THE TASK: Every line below that contains the word "Coefficient" must be copied.

[[ INPUT DATA open ]]

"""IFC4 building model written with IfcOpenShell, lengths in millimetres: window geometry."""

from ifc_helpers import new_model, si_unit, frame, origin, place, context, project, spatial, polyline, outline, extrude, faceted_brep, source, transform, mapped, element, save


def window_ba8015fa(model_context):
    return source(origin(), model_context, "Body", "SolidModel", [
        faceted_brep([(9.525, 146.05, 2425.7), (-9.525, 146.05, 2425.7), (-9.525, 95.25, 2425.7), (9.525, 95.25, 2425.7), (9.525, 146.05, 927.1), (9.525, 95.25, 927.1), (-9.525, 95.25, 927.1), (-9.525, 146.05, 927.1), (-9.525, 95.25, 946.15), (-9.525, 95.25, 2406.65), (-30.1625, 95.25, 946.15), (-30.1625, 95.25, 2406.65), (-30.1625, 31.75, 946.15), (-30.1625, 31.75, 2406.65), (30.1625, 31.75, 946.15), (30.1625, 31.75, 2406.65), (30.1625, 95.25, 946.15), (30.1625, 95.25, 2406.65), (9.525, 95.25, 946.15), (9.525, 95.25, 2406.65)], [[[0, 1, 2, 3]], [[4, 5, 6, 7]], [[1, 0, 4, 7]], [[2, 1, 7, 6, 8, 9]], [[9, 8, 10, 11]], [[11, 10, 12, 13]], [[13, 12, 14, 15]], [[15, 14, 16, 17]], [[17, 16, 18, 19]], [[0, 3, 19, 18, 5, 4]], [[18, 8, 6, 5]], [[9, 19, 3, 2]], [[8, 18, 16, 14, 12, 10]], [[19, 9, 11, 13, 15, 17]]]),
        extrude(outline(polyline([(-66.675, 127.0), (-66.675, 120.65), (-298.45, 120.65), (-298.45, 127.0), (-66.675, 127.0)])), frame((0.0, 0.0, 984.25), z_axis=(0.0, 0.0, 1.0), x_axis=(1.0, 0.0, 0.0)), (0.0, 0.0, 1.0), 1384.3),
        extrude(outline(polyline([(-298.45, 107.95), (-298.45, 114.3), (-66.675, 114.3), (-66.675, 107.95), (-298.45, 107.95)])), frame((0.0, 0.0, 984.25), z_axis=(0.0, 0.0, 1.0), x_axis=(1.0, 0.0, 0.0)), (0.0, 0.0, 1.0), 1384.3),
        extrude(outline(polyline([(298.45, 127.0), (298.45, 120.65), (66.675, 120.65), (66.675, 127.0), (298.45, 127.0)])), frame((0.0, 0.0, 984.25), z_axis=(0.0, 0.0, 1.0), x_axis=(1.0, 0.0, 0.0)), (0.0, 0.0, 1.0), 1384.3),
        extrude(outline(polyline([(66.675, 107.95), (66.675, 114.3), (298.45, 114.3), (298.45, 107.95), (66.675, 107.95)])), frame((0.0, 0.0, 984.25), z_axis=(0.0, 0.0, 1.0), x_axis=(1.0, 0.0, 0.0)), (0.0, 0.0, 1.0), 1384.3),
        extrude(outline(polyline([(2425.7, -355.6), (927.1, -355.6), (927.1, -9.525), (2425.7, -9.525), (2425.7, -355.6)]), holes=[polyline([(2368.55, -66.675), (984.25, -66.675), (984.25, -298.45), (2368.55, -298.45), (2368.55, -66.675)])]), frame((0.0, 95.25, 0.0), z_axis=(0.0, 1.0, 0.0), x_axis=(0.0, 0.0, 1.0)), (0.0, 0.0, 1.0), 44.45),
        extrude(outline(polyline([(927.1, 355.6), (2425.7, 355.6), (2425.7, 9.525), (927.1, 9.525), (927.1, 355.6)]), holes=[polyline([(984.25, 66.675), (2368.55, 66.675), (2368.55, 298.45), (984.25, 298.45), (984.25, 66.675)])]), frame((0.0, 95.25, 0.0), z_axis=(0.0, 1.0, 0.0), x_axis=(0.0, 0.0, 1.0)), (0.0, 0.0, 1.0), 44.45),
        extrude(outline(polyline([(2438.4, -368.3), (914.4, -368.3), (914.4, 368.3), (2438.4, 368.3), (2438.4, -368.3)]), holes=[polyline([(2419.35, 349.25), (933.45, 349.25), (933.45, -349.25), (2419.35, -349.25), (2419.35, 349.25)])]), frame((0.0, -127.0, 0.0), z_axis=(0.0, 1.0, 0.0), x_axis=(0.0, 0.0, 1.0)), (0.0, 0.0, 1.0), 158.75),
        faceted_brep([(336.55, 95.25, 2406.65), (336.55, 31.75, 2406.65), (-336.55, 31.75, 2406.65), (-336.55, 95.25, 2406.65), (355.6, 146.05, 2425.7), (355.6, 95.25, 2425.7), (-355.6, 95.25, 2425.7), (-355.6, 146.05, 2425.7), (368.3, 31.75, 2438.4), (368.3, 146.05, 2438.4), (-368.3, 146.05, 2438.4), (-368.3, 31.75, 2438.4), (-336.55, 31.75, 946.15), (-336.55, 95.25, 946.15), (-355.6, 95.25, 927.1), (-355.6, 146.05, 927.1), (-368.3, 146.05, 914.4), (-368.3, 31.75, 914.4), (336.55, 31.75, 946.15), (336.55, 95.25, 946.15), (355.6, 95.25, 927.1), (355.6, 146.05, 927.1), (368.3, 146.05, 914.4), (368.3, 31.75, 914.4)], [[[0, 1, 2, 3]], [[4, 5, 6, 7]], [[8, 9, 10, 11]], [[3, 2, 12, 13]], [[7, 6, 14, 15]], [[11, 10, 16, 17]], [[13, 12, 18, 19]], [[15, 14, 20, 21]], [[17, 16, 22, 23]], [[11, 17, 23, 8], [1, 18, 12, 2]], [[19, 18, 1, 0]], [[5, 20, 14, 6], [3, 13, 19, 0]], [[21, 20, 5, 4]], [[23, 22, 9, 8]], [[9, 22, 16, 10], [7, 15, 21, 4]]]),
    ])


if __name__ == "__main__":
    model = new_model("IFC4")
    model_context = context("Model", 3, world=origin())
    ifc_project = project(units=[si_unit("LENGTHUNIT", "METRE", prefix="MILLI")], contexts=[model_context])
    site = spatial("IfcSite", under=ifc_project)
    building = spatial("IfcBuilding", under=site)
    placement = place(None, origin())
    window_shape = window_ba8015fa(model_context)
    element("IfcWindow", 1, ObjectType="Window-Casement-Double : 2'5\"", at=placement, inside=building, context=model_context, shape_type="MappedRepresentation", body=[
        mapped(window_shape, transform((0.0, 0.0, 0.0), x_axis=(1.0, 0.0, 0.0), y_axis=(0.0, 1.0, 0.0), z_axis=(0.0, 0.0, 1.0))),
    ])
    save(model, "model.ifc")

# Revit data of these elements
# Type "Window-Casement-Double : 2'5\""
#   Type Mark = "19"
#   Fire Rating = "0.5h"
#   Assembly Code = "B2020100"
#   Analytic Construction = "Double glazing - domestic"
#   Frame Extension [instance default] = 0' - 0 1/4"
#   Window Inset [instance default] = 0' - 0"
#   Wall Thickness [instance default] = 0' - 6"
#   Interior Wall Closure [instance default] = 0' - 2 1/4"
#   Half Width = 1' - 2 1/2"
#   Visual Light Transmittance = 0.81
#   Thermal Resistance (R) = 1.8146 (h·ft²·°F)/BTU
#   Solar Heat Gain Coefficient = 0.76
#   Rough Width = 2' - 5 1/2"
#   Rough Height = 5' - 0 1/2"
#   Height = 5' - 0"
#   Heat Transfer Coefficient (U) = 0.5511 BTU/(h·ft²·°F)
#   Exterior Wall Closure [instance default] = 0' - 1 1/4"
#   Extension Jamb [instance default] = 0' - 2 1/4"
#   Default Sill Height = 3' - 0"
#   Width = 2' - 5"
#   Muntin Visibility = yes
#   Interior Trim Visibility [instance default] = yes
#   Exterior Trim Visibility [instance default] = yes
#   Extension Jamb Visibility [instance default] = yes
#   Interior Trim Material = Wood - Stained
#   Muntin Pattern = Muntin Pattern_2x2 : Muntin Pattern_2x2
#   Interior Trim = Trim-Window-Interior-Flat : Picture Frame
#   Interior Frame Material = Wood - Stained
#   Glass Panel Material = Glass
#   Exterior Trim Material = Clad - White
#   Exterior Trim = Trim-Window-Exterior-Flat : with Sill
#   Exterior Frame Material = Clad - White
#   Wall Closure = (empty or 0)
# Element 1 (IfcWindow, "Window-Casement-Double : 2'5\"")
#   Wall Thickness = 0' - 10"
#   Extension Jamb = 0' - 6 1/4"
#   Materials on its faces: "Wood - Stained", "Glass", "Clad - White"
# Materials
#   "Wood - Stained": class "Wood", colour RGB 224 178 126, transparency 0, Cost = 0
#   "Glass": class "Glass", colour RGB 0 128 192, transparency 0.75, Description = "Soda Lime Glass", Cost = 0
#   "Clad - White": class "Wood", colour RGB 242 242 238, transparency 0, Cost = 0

[[ INPUT DATA closed ]]

RESULT OF THE EXERCISE:
#   Solar Heat Gain Coefficient = 0.76
#   Heat Transfer Coefficient (U) = 0.5511 BTU/(h·ft²·°F)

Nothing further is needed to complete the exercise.